BEGIN Provided records

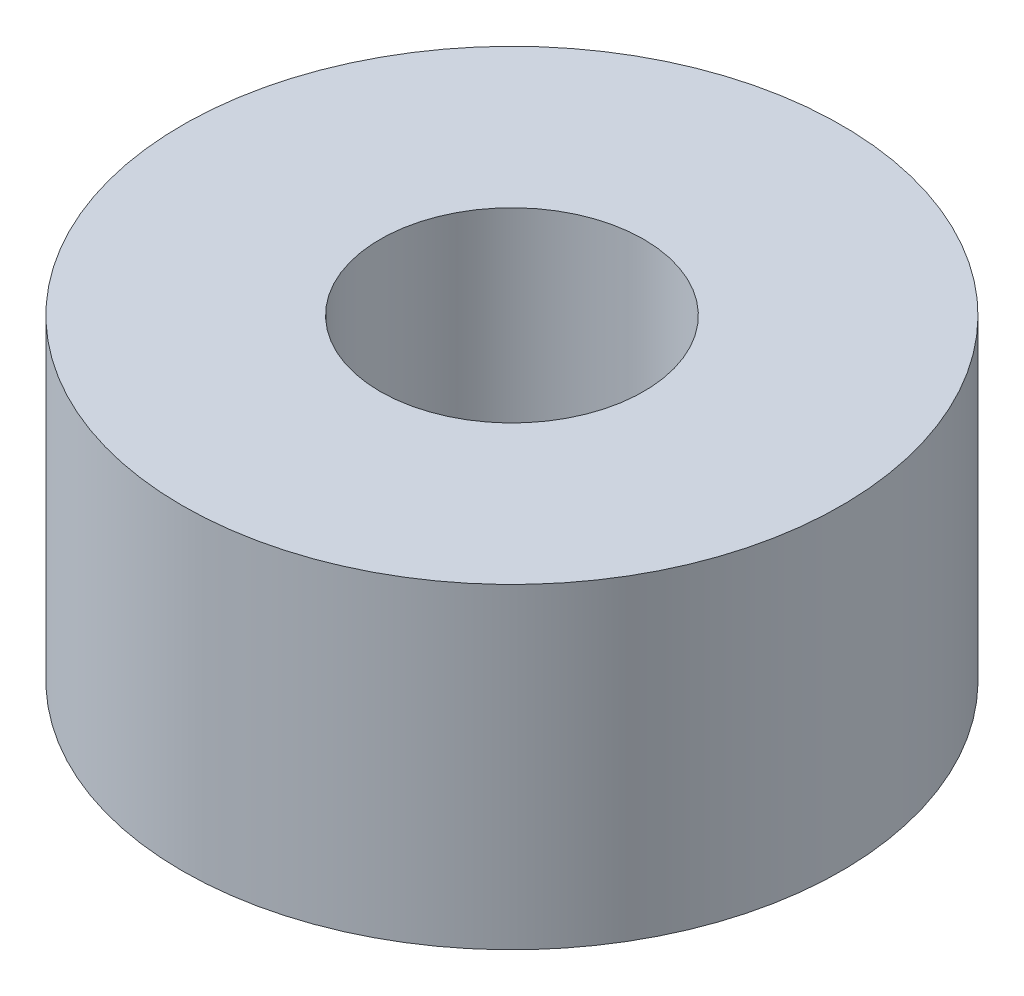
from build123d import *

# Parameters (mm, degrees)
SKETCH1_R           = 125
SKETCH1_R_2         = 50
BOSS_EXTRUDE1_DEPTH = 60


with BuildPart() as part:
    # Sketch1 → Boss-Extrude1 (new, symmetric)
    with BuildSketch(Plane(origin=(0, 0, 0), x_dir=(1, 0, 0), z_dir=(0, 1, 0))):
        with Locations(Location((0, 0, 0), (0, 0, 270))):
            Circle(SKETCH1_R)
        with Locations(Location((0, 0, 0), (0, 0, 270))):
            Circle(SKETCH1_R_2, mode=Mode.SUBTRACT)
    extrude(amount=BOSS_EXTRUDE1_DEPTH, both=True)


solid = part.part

END Provided records

◆ What needs to be done: Show each line of the listing that holds the string "Circle".

◆ Answer for the task:
            Circle(SKETCH1_R)
            Circle(SKETCH1_R_2, mode=Mode.SUBTRACT)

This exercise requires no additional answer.